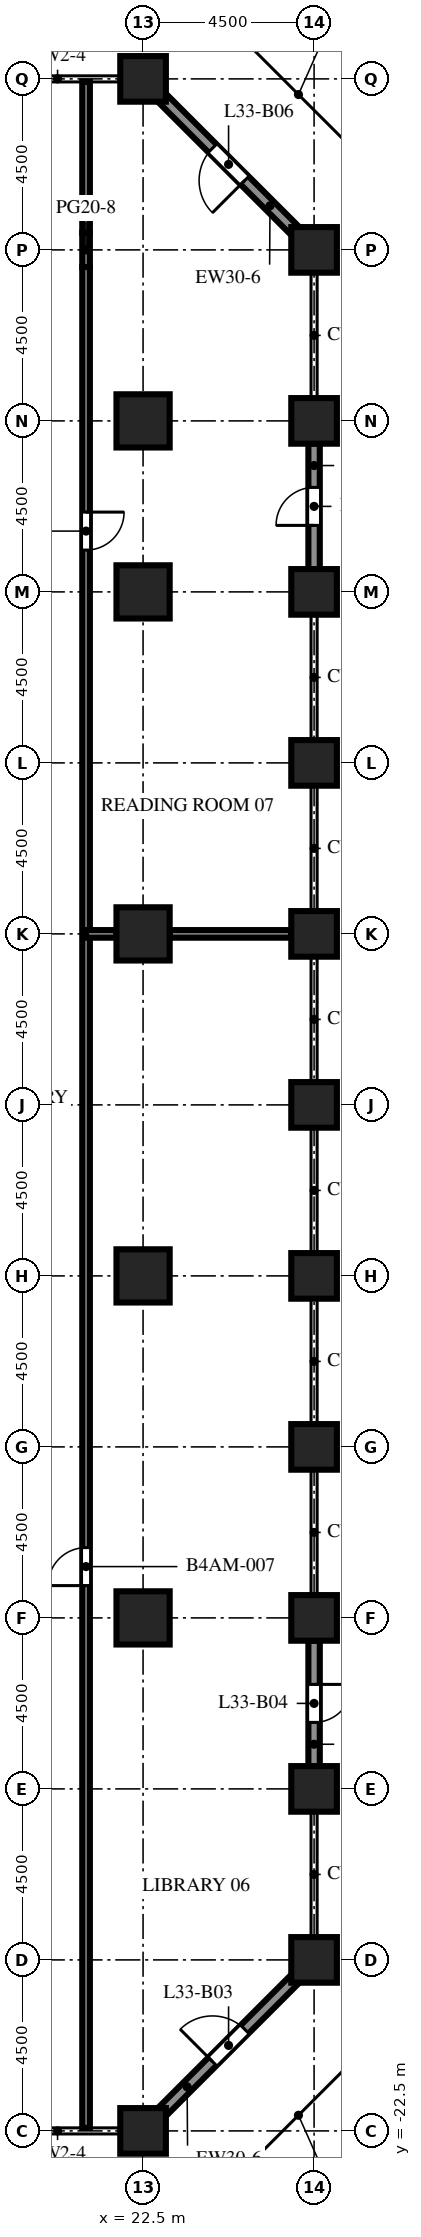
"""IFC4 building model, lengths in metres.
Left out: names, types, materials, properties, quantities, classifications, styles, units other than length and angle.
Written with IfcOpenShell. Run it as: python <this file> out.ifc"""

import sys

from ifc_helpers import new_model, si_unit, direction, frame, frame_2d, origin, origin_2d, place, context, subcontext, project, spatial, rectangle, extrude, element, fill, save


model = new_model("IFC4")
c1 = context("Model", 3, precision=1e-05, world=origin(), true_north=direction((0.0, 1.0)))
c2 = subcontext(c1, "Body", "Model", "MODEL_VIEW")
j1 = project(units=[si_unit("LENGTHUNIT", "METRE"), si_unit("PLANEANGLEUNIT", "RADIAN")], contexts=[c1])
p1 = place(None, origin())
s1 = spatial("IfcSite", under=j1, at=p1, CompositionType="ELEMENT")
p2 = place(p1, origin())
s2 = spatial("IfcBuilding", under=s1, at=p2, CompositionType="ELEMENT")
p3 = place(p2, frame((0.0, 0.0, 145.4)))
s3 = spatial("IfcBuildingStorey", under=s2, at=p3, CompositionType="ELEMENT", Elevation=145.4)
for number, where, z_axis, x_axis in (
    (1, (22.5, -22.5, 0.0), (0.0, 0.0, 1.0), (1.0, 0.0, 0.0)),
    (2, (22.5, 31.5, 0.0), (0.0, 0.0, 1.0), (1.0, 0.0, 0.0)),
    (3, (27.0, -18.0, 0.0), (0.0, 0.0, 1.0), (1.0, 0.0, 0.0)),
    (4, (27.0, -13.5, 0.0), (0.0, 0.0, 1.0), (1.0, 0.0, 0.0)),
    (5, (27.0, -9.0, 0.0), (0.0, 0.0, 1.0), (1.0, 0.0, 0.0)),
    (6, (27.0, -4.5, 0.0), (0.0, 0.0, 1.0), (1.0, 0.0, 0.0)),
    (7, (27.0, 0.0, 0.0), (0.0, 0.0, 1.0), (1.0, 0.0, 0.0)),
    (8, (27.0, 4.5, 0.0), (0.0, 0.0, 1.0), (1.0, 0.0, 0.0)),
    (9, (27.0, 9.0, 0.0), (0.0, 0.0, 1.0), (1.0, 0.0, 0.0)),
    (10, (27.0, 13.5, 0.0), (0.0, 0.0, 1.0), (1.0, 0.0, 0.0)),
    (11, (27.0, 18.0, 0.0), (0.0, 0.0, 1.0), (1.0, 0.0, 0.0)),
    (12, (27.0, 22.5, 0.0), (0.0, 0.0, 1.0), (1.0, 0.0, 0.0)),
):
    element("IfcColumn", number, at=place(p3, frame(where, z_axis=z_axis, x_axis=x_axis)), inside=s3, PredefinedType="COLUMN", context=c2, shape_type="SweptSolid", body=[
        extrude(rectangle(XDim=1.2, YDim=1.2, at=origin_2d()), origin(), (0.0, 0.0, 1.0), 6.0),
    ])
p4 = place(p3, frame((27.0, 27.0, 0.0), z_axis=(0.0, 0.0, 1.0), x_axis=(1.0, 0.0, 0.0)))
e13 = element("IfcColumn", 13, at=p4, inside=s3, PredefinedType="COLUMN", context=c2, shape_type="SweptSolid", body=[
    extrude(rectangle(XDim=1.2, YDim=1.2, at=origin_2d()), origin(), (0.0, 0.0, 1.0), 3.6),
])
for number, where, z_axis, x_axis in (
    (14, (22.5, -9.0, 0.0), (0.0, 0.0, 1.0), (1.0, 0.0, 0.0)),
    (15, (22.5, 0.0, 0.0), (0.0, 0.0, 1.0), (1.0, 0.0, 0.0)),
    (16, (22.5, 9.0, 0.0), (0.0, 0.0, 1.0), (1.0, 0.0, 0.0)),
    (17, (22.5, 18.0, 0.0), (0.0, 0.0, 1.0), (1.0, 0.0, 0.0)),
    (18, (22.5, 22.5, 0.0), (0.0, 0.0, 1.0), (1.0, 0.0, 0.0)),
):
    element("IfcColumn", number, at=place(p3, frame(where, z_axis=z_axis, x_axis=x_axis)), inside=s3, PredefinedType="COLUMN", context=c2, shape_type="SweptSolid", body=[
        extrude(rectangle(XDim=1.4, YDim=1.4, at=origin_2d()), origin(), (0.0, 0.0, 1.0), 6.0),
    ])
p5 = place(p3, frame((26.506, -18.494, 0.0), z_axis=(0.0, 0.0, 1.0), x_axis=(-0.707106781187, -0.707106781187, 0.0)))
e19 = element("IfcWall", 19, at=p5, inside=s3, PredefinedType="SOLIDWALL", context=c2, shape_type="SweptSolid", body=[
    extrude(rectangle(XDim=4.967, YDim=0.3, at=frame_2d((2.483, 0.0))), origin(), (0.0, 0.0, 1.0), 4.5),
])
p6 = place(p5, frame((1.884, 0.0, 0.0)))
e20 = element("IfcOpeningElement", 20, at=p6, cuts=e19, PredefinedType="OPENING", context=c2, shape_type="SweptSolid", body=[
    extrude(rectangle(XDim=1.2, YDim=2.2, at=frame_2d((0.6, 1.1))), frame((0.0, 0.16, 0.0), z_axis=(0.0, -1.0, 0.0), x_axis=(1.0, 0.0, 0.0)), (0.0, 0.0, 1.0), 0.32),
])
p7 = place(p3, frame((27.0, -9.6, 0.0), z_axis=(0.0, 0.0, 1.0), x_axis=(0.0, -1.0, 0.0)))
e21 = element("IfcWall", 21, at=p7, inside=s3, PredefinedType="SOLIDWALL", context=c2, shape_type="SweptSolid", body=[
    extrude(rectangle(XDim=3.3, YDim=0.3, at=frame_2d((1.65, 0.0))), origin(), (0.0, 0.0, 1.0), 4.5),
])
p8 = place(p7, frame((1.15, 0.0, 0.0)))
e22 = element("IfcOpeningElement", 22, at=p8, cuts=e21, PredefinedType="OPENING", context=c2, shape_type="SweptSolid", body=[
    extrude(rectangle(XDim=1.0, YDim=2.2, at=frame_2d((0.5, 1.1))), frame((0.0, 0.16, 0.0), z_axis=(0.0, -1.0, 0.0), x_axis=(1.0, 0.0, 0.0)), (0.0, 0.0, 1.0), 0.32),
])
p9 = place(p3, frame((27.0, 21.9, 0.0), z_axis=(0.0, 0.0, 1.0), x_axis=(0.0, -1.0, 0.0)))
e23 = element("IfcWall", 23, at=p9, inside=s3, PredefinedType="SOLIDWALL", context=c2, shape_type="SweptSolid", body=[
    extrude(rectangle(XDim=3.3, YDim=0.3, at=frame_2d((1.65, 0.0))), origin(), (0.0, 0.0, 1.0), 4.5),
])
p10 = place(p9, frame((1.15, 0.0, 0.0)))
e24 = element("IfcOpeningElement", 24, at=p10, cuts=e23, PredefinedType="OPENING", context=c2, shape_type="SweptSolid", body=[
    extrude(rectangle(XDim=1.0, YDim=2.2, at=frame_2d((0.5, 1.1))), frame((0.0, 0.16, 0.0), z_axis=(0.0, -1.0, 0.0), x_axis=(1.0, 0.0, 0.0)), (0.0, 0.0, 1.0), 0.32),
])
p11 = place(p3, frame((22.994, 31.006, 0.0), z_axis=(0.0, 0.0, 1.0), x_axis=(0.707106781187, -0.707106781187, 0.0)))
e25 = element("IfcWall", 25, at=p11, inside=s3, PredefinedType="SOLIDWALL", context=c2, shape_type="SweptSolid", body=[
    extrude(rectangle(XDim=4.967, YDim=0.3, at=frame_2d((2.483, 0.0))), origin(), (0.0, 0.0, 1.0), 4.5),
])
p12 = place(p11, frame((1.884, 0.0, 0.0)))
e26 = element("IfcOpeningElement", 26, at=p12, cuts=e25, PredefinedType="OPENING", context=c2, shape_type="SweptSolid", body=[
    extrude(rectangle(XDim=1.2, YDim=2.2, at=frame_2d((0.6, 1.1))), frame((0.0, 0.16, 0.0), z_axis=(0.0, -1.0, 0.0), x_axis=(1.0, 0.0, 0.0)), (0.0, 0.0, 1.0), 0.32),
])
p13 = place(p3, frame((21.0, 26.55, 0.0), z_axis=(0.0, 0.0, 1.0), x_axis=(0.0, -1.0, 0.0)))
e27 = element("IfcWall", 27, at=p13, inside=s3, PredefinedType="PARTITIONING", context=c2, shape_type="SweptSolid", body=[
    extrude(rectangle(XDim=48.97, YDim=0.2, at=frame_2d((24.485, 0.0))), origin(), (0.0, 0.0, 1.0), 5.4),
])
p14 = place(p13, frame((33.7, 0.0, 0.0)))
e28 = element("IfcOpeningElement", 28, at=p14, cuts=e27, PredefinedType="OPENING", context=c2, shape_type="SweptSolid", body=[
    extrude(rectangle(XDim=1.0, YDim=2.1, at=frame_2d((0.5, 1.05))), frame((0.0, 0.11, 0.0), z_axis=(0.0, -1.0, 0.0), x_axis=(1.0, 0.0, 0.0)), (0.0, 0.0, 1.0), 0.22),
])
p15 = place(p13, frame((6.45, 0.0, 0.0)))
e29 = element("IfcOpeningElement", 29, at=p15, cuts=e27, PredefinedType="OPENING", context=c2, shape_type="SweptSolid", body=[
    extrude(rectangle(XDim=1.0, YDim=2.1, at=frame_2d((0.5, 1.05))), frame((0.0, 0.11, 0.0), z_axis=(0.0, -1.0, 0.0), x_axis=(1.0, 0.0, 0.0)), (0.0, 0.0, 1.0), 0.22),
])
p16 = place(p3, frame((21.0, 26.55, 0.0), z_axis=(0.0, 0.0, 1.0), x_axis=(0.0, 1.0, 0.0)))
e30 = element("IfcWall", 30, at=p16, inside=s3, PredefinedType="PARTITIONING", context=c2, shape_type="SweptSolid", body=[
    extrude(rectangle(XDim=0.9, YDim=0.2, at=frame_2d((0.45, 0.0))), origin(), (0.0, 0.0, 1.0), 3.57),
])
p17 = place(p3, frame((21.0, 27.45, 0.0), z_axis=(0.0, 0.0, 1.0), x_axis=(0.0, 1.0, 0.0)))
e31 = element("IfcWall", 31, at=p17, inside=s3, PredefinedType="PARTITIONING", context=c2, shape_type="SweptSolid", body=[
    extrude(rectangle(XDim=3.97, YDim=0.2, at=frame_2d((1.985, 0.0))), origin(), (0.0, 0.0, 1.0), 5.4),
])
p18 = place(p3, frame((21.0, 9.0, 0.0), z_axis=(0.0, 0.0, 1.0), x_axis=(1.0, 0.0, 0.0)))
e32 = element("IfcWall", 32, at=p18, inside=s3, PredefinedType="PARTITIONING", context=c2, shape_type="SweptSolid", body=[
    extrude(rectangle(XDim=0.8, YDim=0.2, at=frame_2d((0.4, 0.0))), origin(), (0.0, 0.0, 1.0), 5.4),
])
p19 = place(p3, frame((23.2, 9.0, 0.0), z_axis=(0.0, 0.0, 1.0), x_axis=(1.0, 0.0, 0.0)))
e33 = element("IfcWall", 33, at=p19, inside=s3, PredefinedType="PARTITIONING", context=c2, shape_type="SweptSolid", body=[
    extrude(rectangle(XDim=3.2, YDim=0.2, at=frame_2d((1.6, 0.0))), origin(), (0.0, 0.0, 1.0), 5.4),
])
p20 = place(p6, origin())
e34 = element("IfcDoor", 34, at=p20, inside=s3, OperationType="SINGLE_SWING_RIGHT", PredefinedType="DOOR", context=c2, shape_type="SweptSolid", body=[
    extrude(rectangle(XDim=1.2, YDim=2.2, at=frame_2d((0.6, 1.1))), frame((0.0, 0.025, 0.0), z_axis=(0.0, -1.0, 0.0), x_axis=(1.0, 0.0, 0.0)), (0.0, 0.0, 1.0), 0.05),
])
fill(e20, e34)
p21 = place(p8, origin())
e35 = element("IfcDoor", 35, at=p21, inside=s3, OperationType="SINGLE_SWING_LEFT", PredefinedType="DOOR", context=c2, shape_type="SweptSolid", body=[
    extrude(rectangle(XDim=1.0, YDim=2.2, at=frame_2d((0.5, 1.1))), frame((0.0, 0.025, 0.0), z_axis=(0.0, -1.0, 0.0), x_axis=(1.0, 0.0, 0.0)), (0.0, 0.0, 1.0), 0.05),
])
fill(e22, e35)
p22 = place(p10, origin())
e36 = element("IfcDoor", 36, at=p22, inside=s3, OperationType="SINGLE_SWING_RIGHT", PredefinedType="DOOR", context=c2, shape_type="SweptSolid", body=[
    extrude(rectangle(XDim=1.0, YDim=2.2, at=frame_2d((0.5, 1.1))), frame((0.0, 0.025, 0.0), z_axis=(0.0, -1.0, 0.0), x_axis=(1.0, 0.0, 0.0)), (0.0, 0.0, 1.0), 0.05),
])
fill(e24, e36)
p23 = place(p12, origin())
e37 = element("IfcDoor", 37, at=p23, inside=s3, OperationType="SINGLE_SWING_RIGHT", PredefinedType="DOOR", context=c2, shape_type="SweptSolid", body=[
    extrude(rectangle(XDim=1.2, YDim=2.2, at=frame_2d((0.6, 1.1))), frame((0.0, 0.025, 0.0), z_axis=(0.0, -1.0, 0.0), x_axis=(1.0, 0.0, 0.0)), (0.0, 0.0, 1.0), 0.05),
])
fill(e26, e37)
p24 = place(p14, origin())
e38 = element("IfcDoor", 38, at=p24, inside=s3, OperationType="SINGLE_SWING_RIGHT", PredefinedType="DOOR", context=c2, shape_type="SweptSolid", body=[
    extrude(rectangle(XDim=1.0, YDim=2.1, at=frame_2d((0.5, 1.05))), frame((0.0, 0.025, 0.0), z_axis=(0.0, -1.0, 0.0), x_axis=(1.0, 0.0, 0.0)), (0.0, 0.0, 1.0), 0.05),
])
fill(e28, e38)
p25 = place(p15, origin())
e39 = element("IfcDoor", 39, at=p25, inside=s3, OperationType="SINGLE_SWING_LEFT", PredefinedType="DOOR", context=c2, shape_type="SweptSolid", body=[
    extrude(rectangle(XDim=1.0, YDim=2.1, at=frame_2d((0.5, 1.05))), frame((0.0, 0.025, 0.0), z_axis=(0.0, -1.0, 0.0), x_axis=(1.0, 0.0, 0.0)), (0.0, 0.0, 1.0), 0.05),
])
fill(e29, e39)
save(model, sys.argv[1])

(TASK INSTRUCTIONS): Copy each line of the preceding data that contains the string "import".

(RESULT):
import sys
from ifc_helpers import new_model, si_unit, direction, frame, frame_2d, origin, origin_2d, place, context, subcontext, project, spatial, rectangle, extrude, element, fill, save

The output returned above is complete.